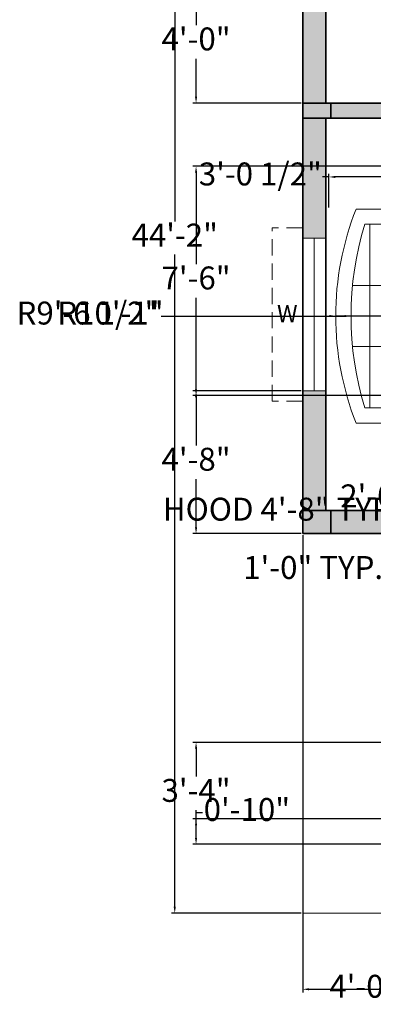
# Model space of a CAD drawing. Units: inches. Extents: x 9689 to 10369, y 10965 to 11626.
# Tile 1 of 11: x 9691 to 9830, y 10973 to 11359. Entities that reach past the tile are written whole.
import ezdxf

# ---------------------------------------------------------------- set-up
doc = ezdxf.new("R2010")
doc.units = ezdxf.units.IN
doc.linetypes.add('DASHED2', pattern=[9.525, 6.35, -3.175])
for name, color, linetype, lineweight in [('A-ANNO-DIMS', 2, 'Continuous', 18), ('A-ANNO-TEXT', 7, 'Continuous', 18), ('A-COLS', 7, 'Continuous', 35), ('A-FURN', 8, 'Continuous', 18), ('A-GLAZ', 4, 'Continuous', 18), ('A-GLAZ-OVHD', 4, 'DASHED2', 13), ('A-WALL', 7, 'Continuous', 35), ('A-WALL-PATT', 252, 'Continuous', 13)]:
    doc.layers.add(name, color=color, linetype=linetype, lineweight=lineweight)
doc.layers.add('A-COLS-PATT', color=18, linetype='Continuous', lineweight=13, true_color=0x000000)
doc.styles.get("Standard").update_dxf_attribs({"font": 'arial.ttf'})
doc.dimstyles.new('ISO-25', dxfattribs={"dimtxt": 9, "dimasz": 2.5, "dimexe": 1.25, "dimexo": 0.625, "dimgap": 2, "dimtad": 0, "dimtih": 1, "dimtoh": 1, "dimdec": 1, "dimlunit": 4, "dimtxsty": 'Standard', "dimcen": 2.5, "dimadec": 0, "dimazin": 0, "dimtfac": 0.5, "dimtdec": 1, "dimtmove": 0, "dimatfit": 3, "dimfxl": 1, "dimarcsym": 0})

# ---------------------------------------------------------------- blocks, each defined once
blk = doc.blocks.new('Sofa - Roundback 7 ft.')
for p, q in [((-12.00002, -32.4421), (-12.00003, -6.5971)), ((11.99997, -32.4421), (11.99998, -6.5971)), ((-36.000027, -34), (-36.000027, -11.4696)), ((35.99998, -34), (35.99998, -11.4696)), ((-35.999844, -13.3819), (35.9998, -13.3819)), ((-36.000027, -32.4421), (35.99998, -32.4421))]:
    blk.add_line(p, q)
for points in [[(-36.000027, -34), (-42.000027, -34), (-42.000027, -8)], [(41.99998, -8), (41.99998, -34), (35.99998, -34)]]:
    blk.add_lwpolyline(points)
for centre, radius, start, end in [((0, -114.25), 114.25, 68.43141, 111.5686), ((-0.00001, -127.1968), 121.1968, 72.72033, 107.2797)]:
    blk.add_arc(centre, radius, start, end)
blk = doc.blocks.new('*D20')
at = {"layer": 'A-ANNO-DIMS', "color": 0, "lineweight": -2, "transparency": 16777216}
for p, q in [((9801.43, 11538.63), (9750.54, 11538.63)), ((9751.79, 11536.13), (9751.79, 11280.15)), ((9751.79, 11011.13), (9751.79, 11267.11)), ((9801.43, 11008.63), (9750.54, 11008.63))]:
    blk.add_line(p, q, dxfattribs=at)
at = {"layer": 'A-ANNO-DIMS', "color": 0, "transparency": 16777216}
for points in [[(9751.38, 11536.13), (9752.21, 11536.13), (9751.79, 11538.63)], [(9751.38, 11011.13), (9752.21, 11011.13), (9751.79, 11008.63)]]:
    blk.add_solid(points, dxfattribs=at)
at = {"layer": 'Defpoints', "color": 0, "transparency": 16777216}
for p in [(9802.06, 11538.63), (9751.79, 11008.63), (9802.06, 11008.63)]:
    blk.add_point(p, dxfattribs=at)
at = {"layer": 'A-ANNO-DIMS', "color": 0, "transparency": 16777216, "insert": (9751.79, 11273.63), "char_height": 9, "attachment_point": 5}
blk.add_mtext('44\'-2"', dxfattribs=at)
blk = doc.blocks.new('WINDOW-HOOD-68')
for p, q in [((12, 68), (0, 68)), ((0, 0), (0, 68)), ((12, 0), (0, 0))]:
    blk.add_line(p, q)
blk = doc.blocks.new('WINDOW-60')
for p, q in [((0, 60), (9, 60)), ((4.5, 60), (4.5, 0)), ((0, 0), (9, 0))]:
    blk.add_line(p, q)
blk = doc.blocks.new('*D38')
at = {"layer": 'A-ANNO-DIMS', "color": 0, "lineweight": -2, "transparency": 16777216}
for p, q in [((9846.06, 11158.26), (9846.06, 11167.28)), ((9902.06, 11158.26), (9902.06, 11167.28)), ((9846.06, 11166.03), (9843.56, 11166.03)), ((9899.56, 11166.03), (9848.56, 11166.03))]:
    blk.add_line(p, q, dxfattribs=at)
at = {"layer": 'A-ANNO-DIMS', "color": 0, "transparency": 16777216}
for points in [[(9848.56, 11166.45), (9848.56, 11165.61), (9846.06, 11166.03)], [(9899.56, 11166.45), (9899.56, 11165.61), (9902.06, 11166.03)]]:
    blk.add_solid(points, dxfattribs=at)
at = {"layer": 'Defpoints', "color": 0, "transparency": 16777216}
for p in [(9846.06, 11166.03), (9846.06, 11157.63), (9902.06, 11157.63)]:
    blk.add_point(p, dxfattribs=at)
at = {"layer": 'A-ANNO-DIMS', "color": 0, "transparency": 16777216, "insert": (9793.76, 11166.03), "char_height": 9, "attachment_point": 5}
blk.add_mtext('HOOD 4\'-8" TYP.', dxfattribs=at)
blk = doc.blocks.new('*D39')
at = {"layer": 'A-ANNO-DIMS', "color": 0, "lineweight": -2, "transparency": 16777216}
for p, q in [((9845.43, 11157.63), (9836.41, 11157.63)), ((9837.66, 11155.13), (9837.66, 11148.13)), ((9845.43, 11145.63), (9836.41, 11145.63)), ((9837.66, 11145.63), (9837.66, 11143.13)), ((9837.66, 11143.13), (9835.16, 11143.13))]:
    blk.add_line(p, q, dxfattribs=at)
at = {"layer": 'A-ANNO-DIMS', "color": 0, "transparency": 16777216}
for points in [[(9837.24, 11155.13), (9838.07, 11155.13), (9837.66, 11157.63)], [(9837.24, 11148.13), (9838.07, 11148.13), (9837.66, 11145.63)]]:
    blk.add_solid(points, dxfattribs=at)
at = {"layer": 'Defpoints', "color": 0, "transparency": 16777216}
for p in [(9846.06, 11157.63), (9837.66, 11145.63), (9846.06, 11145.63)]:
    blk.add_point(p, dxfattribs=at)
at = {"layer": 'A-ANNO-DIMS', "color": 0, "transparency": 16777216, "insert": (9806.15, 11143.13), "char_height": 9, "attachment_point": 5}
blk.add_mtext('1\'-0" TYP.', dxfattribs=at)
blk = doc.blocks.new('*D55')
at = {"layer": 'A-ANNO-DIMS', "color": 0, "lineweight": -2, "transparency": 16777216}
for p, q in [((9812.34, 11285.64), (9812.34, 11298.87)), ((9849.01, 11285.64), (9849.01, 11298.87)), ((9812.34, 11297.62), (9809.84, 11297.62)), ((9846.51, 11297.62), (9814.84, 11297.62))]:
    blk.add_line(p, q, dxfattribs=at)
at = {"layer": 'A-ANNO-DIMS', "color": 0, "transparency": 16777216}
for points in [[(9814.84, 11298.03), (9814.84, 11297.2), (9812.34, 11297.62)], [(9846.51, 11298.03), (9846.51, 11297.2), (9849.01, 11297.62)]]:
    blk.add_solid(points, dxfattribs=at)
at = {"layer": 'Defpoints', "color": 0, "transparency": 16777216}
for p in [(9812.34, 11297.62), (9812.34, 11285.02), (9849.01, 11285.02)]:
    blk.add_point(p, dxfattribs=at)
at = {"layer": 'A-ANNO-DIMS', "color": 0, "transparency": 16777216, "insert": (9785.4, 11297.62), "char_height": 9, "attachment_point": 5}
blk.add_mtext('3\'-0 1/2"', dxfattribs=at)
blk = doc.blocks.new('*D59')
at = {"layer": 'A-ANNO-DIMS', "color": 0, "lineweight": -2, "transparency": 16777216}
for p, q in [((9867.98, 11174.67), (9867.98, 11170)), ((9892.42, 11174.67), (9892.42, 11170)), ((9867.98, 11171.25), (9865.48, 11171.25)), ((9889.92, 11171.25), (9870.48, 11171.25))]:
    blk.add_line(p, q, dxfattribs=at)
at = {"layer": 'A-ANNO-DIMS', "color": 0, "transparency": 16777216}
for points in [[(9870.48, 11171.67), (9870.48, 11170.83), (9867.98, 11171.25)], [(9889.92, 11171.67), (9889.92, 11170.83), (9892.42, 11171.25)]]:
    blk.add_solid(points, dxfattribs=at)
at = {"layer": 'Defpoints', "color": 0, "transparency": 16777216}
for p in [(9867.98, 11175.3), (9892.42, 11175.3), (9867.98, 11171.25)]:
    blk.add_point(p, dxfattribs=at)
at = {"layer": 'A-ANNO-DIMS', "color": 0, "transparency": 16777216, "insert": (9840.96, 11171.25), "char_height": 9, "attachment_point": 5}
blk.add_mtext('2\'-0 1/2"', dxfattribs=at)
blk = doc.blocks.new('*D67')
at = {"layer": 'A-ANNO-DIMS', "color": 0, "lineweight": -2, "transparency": 16777216}
for p, q in [((9802.06, 11157.01), (9802.06, 10977.48)), ((9905.06, 11157.01), (9905.06, 10977.48)), ((9804.56, 10978.73), (9839.59, 10978.73)), ((9902.56, 10978.73), (9867.53, 10978.73))]:
    blk.add_line(p, q, dxfattribs=at)
at = {"layer": 'A-ANNO-DIMS', "color": 0, "transparency": 16777216}
for points in [[(9804.56, 10979.15), (9804.56, 10978.31), (9802.06, 10978.73)], [(9902.56, 10979.15), (9902.56, 10978.31), (9905.06, 10978.73)]]:
    blk.add_solid(points, dxfattribs=at)
at = {"layer": 'Defpoints', "color": 0, "transparency": 16777216}
for p in [(9802.06, 11157.63), (9905.06, 11157.63), (9905.06, 10978.73)]:
    blk.add_point(p, dxfattribs=at)
at = {"layer": 'A-ANNO-DIMS', "color": 0, "transparency": 16777216, "insert": (9853.56, 10978.73), "char_height": 9, "attachment_point": 5}
blk.add_mtext('8\'-7"', dxfattribs=at)
blk = doc.blocks.new('*D68')
at = {"layer": 'A-ANNO-DIMS', "color": 0, "lineweight": -2, "transparency": 16777216}
for p, q in [((9929.43, 11075.63), (9758.91, 11075.63)), ((9760.16, 11073.13), (9760.16, 11062.23)), ((9760.16, 11038.13), (9760.16, 11049.03)), ((9929.43, 11035.63), (9758.91, 11035.63))]:
    blk.add_line(p, q, dxfattribs=at)
at = {"layer": 'A-ANNO-DIMS', "color": 0, "transparency": 16777216}
for points in [[(9759.74, 11073.13), (9760.57, 11073.13), (9760.16, 11075.63)], [(9759.74, 11038.13), (9760.57, 11038.13), (9760.16, 11035.63)]]:
    blk.add_solid(points, dxfattribs=at)
at = {"layer": 'Defpoints', "color": 0, "transparency": 16777216}
for p in [(9760.16, 11075.63), (9930.06, 11075.63), (9930.06, 11035.63)]:
    blk.add_point(p, dxfattribs=at)
at = {"layer": 'A-ANNO-DIMS', "color": 0, "transparency": 16777216, "insert": (9760.16, 11055.63), "char_height": 9, "attachment_point": 5}
blk.add_mtext('3\'-4"', dxfattribs=at)
blk = doc.blocks.new('*D73')
at = {"layer": 'A-ANNO-DIMS', "color": 0, "lineweight": -2, "transparency": 16777216}
for p, q in [((10010.43, 11301.79), (9758.91, 11301.79)), ((9760.16, 11299.29), (9760.16, 11263.38)), ((9760.16, 11214.29), (9760.16, 11250.19)), ((10010.43, 11211.79), (9758.91, 11211.79))]:
    blk.add_line(p, q, dxfattribs=at)
at = {"layer": 'A-ANNO-DIMS', "color": 0, "transparency": 16777216}
for points in [[(9759.74, 11299.29), (9760.57, 11299.29), (9760.16, 11301.79)], [(9759.74, 11214.29), (9760.57, 11214.29), (9760.16, 11211.79)]]:
    blk.add_solid(points, dxfattribs=at)
at = {"layer": 'Defpoints', "color": 0, "transparency": 16777216}
for p in [(9760.16, 11301.79), (10011.06, 11301.79), (10011.06, 11211.79)]:
    blk.add_point(p, dxfattribs=at)
at = {"layer": 'A-ANNO-DIMS', "color": 0, "transparency": 16777216, "insert": (9760.16, 11256.79), "char_height": 9, "attachment_point": 5}
blk.add_mtext('7\'-6"', dxfattribs=at)
blk = doc.blocks.new('*D87')
at = {"layer": 'A-ANNO-DIMS', "color": 0, "lineweight": -2, "transparency": 16777216}
for p, q in [((9802.06, 11157.01), (9802.06, 10977.48)), ((9850.06, 11157.01), (9850.06, 10977.48)), ((9804.56, 10978.73), (9811.91, 10978.73)), ((9847.56, 10978.73), (9840.2, 10978.73))]:
    blk.add_line(p, q, dxfattribs=at)
at = {"layer": 'A-ANNO-DIMS', "color": 0, "transparency": 16777216}
for points in [[(9804.56, 10979.15), (9804.56, 10978.31), (9802.06, 10978.73)], [(9847.56, 10979.15), (9847.56, 10978.31), (9850.06, 10978.73)]]:
    blk.add_solid(points, dxfattribs=at)
at = {"layer": 'Defpoints', "color": 0, "transparency": 16777216}
for p in [(9802.06, 11157.63), (9850.06, 11157.63), (9850.06, 10978.73)]:
    blk.add_point(p, dxfattribs=at)
at = {"layer": 'A-ANNO-DIMS', "color": 0, "transparency": 16777216, "insert": (9826.06, 10978.73), "char_height": 9, "attachment_point": 5}
blk.add_mtext('4\'-0"', dxfattribs=at)
blk = doc.blocks.new('*D90')
at = {"layer": 'A-ANNO-DIMS', "color": 0, "lineweight": -2, "transparency": 16777216}
for p, q in [((9801.43, 11213.63), (9758.91, 11213.63)), ((9760.16, 11211.13), (9760.16, 11192.23)), ((9760.16, 11160.13), (9760.16, 11179.03)), ((9801.43, 11157.63), (9758.91, 11157.63))]:
    blk.add_line(p, q, dxfattribs=at)
at = {"layer": 'A-ANNO-DIMS', "color": 0, "transparency": 16777216}
for points in [[(9759.74, 11211.13), (9760.57, 11211.13), (9760.16, 11213.63)], [(9759.74, 11160.13), (9760.57, 11160.13), (9760.16, 11157.63)]]:
    blk.add_solid(points, dxfattribs=at)
at = {"layer": 'Defpoints', "color": 0, "transparency": 16777216}
for p in [(9760.16, 11213.63), (9802.06, 11213.63), (9802.06, 11157.63)]:
    blk.add_point(p, dxfattribs=at)
at = {"layer": 'A-ANNO-DIMS', "color": 0, "transparency": 16777216, "insert": (9760.16, 11185.63), "char_height": 9, "attachment_point": 5}
blk.add_mtext('4\'-8"', dxfattribs=at)
blk = doc.blocks.new('*D99')
at = {"layer": 'A-ANNO-DIMS', "color": 0, "lineweight": -2, "transparency": 16777216}
for p, q in [((9922.43, 11374.63), (9758.91, 11374.63)), ((9760.16, 11372.13), (9760.16, 11357.23)), ((9760.16, 11329.13), (9760.16, 11344.03)), ((9801.43, 11326.63), (9758.91, 11326.63))]:
    blk.add_line(p, q, dxfattribs=at)
at = {"layer": 'A-ANNO-DIMS', "color": 0, "transparency": 16777216}
for points in [[(9759.74, 11372.13), (9760.57, 11372.13), (9760.16, 11374.63)], [(9759.74, 11329.13), (9760.57, 11329.13), (9760.16, 11326.63)]]:
    blk.add_solid(points, dxfattribs=at)
at = {"layer": 'Defpoints', "color": 0, "transparency": 16777216}
for p in [(9923.06, 11374.63), (9760.16, 11326.63), (9802.06, 11326.63)]:
    blk.add_point(p, dxfattribs=at)
at = {"layer": 'A-ANNO-DIMS', "color": 0, "transparency": 16777216, "insert": (9760.16, 11350.63), "char_height": 9, "attachment_point": 5}
blk.add_mtext('4\'-0"', dxfattribs=at)
blk = doc.blocks.new('*D113')
at = {"layer": 'A-ANNO-DIMS', "color": 0, "lineweight": -2, "transparency": 16777216}
for p, q in [((9760.16, 11045.63), (9760.16, 11048.13)), ((9760.16, 11048.13), (9762.66, 11048.13)), ((9984.43, 11045.63), (9758.91, 11045.63)), ((9760.16, 11038.13), (9760.16, 11043.13)), ((9984.43, 11035.63), (9758.91, 11035.63))]:
    blk.add_line(p, q, dxfattribs=at)
at = {"layer": 'A-ANNO-DIMS', "color": 0, "transparency": 16777216}
for points in [[(9759.74, 11043.13), (9760.57, 11043.13), (9760.16, 11045.63)], [(9759.74, 11038.13), (9760.57, 11038.13), (9760.16, 11035.63)]]:
    blk.add_solid(points, dxfattribs=at)
at = {"layer": 'Defpoints', "color": 0, "transparency": 16777216}
for p in [(9760.16, 11045.63), (9985.06, 11045.63), (9985.06, 11035.63)]:
    blk.add_point(p, dxfattribs=at)
at = {"layer": 'A-ANNO-DIMS', "color": 0, "transparency": 16777216, "insert": (9780.12, 11048.13), "char_height": 9, "attachment_point": 5}
blk.add_mtext('0\'-10"', dxfattribs=at)
blk = doc.blocks.new('*D124')
at = {"layer": 'A-ANNO-DIMS', "color": 0, "lineweight": -2, "transparency": 16777216}
for p, q in [((9746.46, 11243.02), (9812.51, 11243.02)), ((9929.26, 11243.02), (9815.01, 11243.02))]:
    blk.add_line(p, q, dxfattribs=at)
at = {"layer": 'A-ANNO-DIMS', "color": 0, "transparency": 16777216}
blk.add_solid([(9812.51, 11243.43), (9812.51, 11242.6), (9815.01, 11243.02)], dxfattribs=at)
at = {"layer": 'Defpoints', "color": 0, "transparency": 16777216}
for p in [(9815.01, 11243.02), (9929.26, 11243.02)]:
    blk.add_point(p, dxfattribs=at)
at = {"layer": 'A-ANNO-DIMS', "color": 0, "transparency": 16777216, "insert": (9717.71, 11243.02), "char_height": 9, "attachment_point": 5}
blk.add_mtext('R9\'-6 1/2"', dxfattribs=at)
blk = doc.blocks.new('*D125')
at = {"layer": 'A-ANNO-DIMS', "color": 0, "lineweight": -2, "transparency": 16777216}
for p, q in [((9748.29, 11243.02), (9818.51, 11243.02)), ((9942.21, 11243.02), (9821.01, 11243.02))]:
    blk.add_line(p, q, dxfattribs=at)
at = {"layer": 'A-ANNO-DIMS', "color": 0, "transparency": 16777216}
blk.add_solid([(9818.51, 11243.43), (9818.51, 11242.6), (9821.01, 11243.02)], dxfattribs=at)
at = {"layer": 'Defpoints', "color": 0, "transparency": 16777216}
for p in [(9821.01, 11243.02), (9942.21, 11243.02)]:
    blk.add_point(p, dxfattribs=at)
at = {"layer": 'A-ANNO-DIMS', "color": 0, "transparency": 16777216, "insert": (9726.53, 11243.02), "char_height": 9, "attachment_point": 5}
blk.add_mtext('R10\'-1"', dxfattribs=at)

msp = doc.modelspace()

# ---------------------------------------------------------------- hatches: boundary and pattern name
at = {"layer": 'A-COLS-PATT'}
h = msp.add_hatch(color=256, dxfattribs=at)
h.dxf.hatch_style = 1
h.paths.add_polyline_path([(9813.06, 11326.63), (9811.06, 11326.63), (9802.06, 11326.63), (9802.06, 11320.63), (9811.06, 11320.63), (9813.06, 11320.63)])
h = msp.add_hatch(color=256, dxfattribs=at)
h.dxf.hatch_style = 1
h.paths.add_polyline_path([(9813.06, 11166.63), (9811.06, 11166.63), (9802.06, 11166.63), (9802.06, 11157.63), (9813.06, 11157.63)])
at = {"layer": 'A-WALL-PATT'}
h = msp.add_hatch(dxfattribs=at)
h.set_pattern_fill('ANSI33', color=256)
h.paths.add_polyline_path([(9843.06, 11538.63), (9811.06, 11538.63), (9811.06, 11529.63), (9843.06, 11529.63)])
h.paths.add_polyline_path([(9923.06, 11538.63), (9891.06, 11538.63), (9891.06, 11529.63), (9923.06, 11529.63)])
h.paths.add_polyline_path([(9929.06, 11527.63), (9923.06, 11527.63), (9923.06, 11380.63), (9929.06, 11380.63)])
h.paths.add_polyline_path([(9939.06, 11538.63), (9929.06, 11538.63), (9929.06, 11529.63), (9939.06, 11529.63, -0.071068)])
h.paths.add_polyline_path([(10035.06, 11538.63), (10013.06, 11538.63), (10013.06, 11529.63), (10022.06, 11529.63), (10022.06, 11507.38), (10022.06, 11502.38), (10022.06, 11482.38), (10022.06, 11478.38), (10022.06, 11456.13, -0.038405), (10026.06, 11456.13), (10026.06, 11502.38), (10026.06, 11529.63), (10035.06, 11529.63)])
h.paths.add_polyline_path([(10068.06, 11538.63), (10059.06, 11538.63), (10059.06, 11529.63), (10068.06, 11529.63)])
h.paths.add_polyline_path([(10074.06, 11527.63), (10068.06, 11527.63), (10068.06, 11431.13), (10026.06, 11431.13), (10022.06, 11431.13), (9980.06, 11431.13), (9976.06, 11431.13), (9976.06, 11425.13), (10068.06, 11425.13), (10068.06, 11380.63), (10074.06, 11380.63)])
h.paths.add_polyline_path([(10124.56, 11538.63), (10074.06, 11538.63), (10074.06, 11529.63), (10124.56, 11529.63)])
h.paths.add_polyline_path([(9980.06, 11507.38), (9980.06, 11529.63), (9989.06, 11529.63), (9989.06, 11538.63), (9976.06, 11538.63), (9976.06, 11529.63), (9976.06, 11503.38), (9976.06, 11483.38), (9976.06, 11478.38), (9980.06, 11478.38), (9997.06, 11478.38, -0.038405), (9997.06, 11482.38), (9980.06, 11482.38)])
h.paths.add_polyline_path([(10235.06, 11538.63), (10184.56, 11538.63), (10184.56, 11529.63), (10235.06, 11529.63)])
h.paths.add_polyline_path([(10244.06, 11527.63), (10235.06, 11527.63), (10235.06, 11485.13), (10244.06, 11485.13)])
h.paths.add_polyline_path([(10244.06, 11425.13), (10235.06, 11425.13), (10235.06, 11380.63), (10244.06, 11380.63)])
h.paths.add_polyline_path([(10233.06, 11380.63), (10120.06, 11380.63, -0.038405), (10120.06, 11374.63), (10133.04, 11374.63), (10133.04, 11326.63), (10120.06, 11326.63, -0.038405), (10120.06, 11320.63), (10149.19, 11320.63), (10149.19, 11326.63), (10136.04, 11326.63), (10136.04, 11374.63), (10233.06, 11374.63)])
h.paths.add_polyline_path([(10084.06, 11380.63), (10076.06, 11380.63), (10076.06, 11374.63), (10084.06, 11374.63)])
h.paths.add_polyline_path([(10244.06, 11374.63), (10235.06, 11374.63), (10235.06, 11362.63), (10244.06, 11362.63)])
h.paths.add_polyline_path([(10244.06, 11338.63), (10235.06, 11338.63), (10235.06, 11326.63), (10244.06, 11326.63)])
h.paths.add_polyline_path([(10233.06, 11326.63), (10173.19, 11326.63, -0.055385), (10173.19, 11320.63), (10233.06, 11320.63)], flags=0)
h.paths.add_polyline_path([(10244.06, 11320.63), (10235.06, 11320.63), (10235.06, 11273.63), (10244.06, 11273.63)])
h = msp.add_hatch(dxfattribs=at)
h.set_pattern_fill('ANSI36', color=256)
h.paths.add_polyline_path([(10233.06, 11326.63), (10173.19, 11326.63, -0.055385), (10173.19, 11320.63), (10233.06, 11320.63)])
h.paths.add_polyline_path([(10244.06, 11213.63), (10235.06, 11213.63), (10235.06, 11166.63), (10244.06, 11166.63)])
h.paths.add_polyline_path([(10233.06, 11166.63), (10184.56, 11166.63), (10184.56, 11157.63), (10233.06, 11157.63)])
h.paths.add_polyline_path([(10124.56, 11166.63), (10074.06, 11166.63), (10074.06, 11157.63), (10124.56, 11157.63)])
h.paths.add_polyline_path([(10074.06, 11318.63), (10068.06, 11318.63), (10068.06, 11168.63), (10074.06, 11168.63)])
h.paths.add_polyline_path([(10068.06, 11166.63), (10011.06, 11166.63), (10011.06, 11157.63), (10068.06, 11157.63)])
h.paths.add_polyline_path([(10011.06, 11318.63), (10005.06, 11318.63), (10005.06, 11168.63), (10011.06, 11168.63)])
h.paths.add_polyline_path([(10005.06, 11166.63), (9985.06, 11166.63), (9985.06, 11157.63), (10005.06, 11157.63)])
h.paths.add_polyline_path([(9937.06, 11166.63), (9898.06, 11166.63), (9898.06, 11157.63), (9937.06, 11157.63, -0.042779)])
h.paths.add_polyline_path([(9850.06, 11166.63), (9813.06, 11166.63), (9813.06, 11157.63), (9850.06, 11157.63)])
h.paths.add_polyline_path([(9811.06, 11213.63), (9802.06, 11213.63), (9802.06, 11166.63), (9811.06, 11166.63)])
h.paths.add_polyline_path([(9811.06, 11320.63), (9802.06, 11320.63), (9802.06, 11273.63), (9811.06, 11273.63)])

WORK INSTRUCTIONS: Only the lines from the beginning of the listing through the line with "doc.linetypes.add('DASHED2', pattern=[9.525, 6.35, -3.175])", both ends included, are to be repeated exactly; pictures stay out.

WRITTEN SOLUTION:
# Model space of a CAD drawing. Units: inches. Extents: x 9689 to 10369, y 10965 to 11626.
# Tile 1 of 11: x 9691 to 9830, y 10973 to 11359. Entities that reach past the tile are written whole.
import ezdxf

# ---------------------------------------------------------------- set-up
doc = ezdxf.new("R2010")
doc.units = ezdxf.units.IN
doc.linetypes.add('DASHED2', pattern=[9.525, 6.35, -3.175])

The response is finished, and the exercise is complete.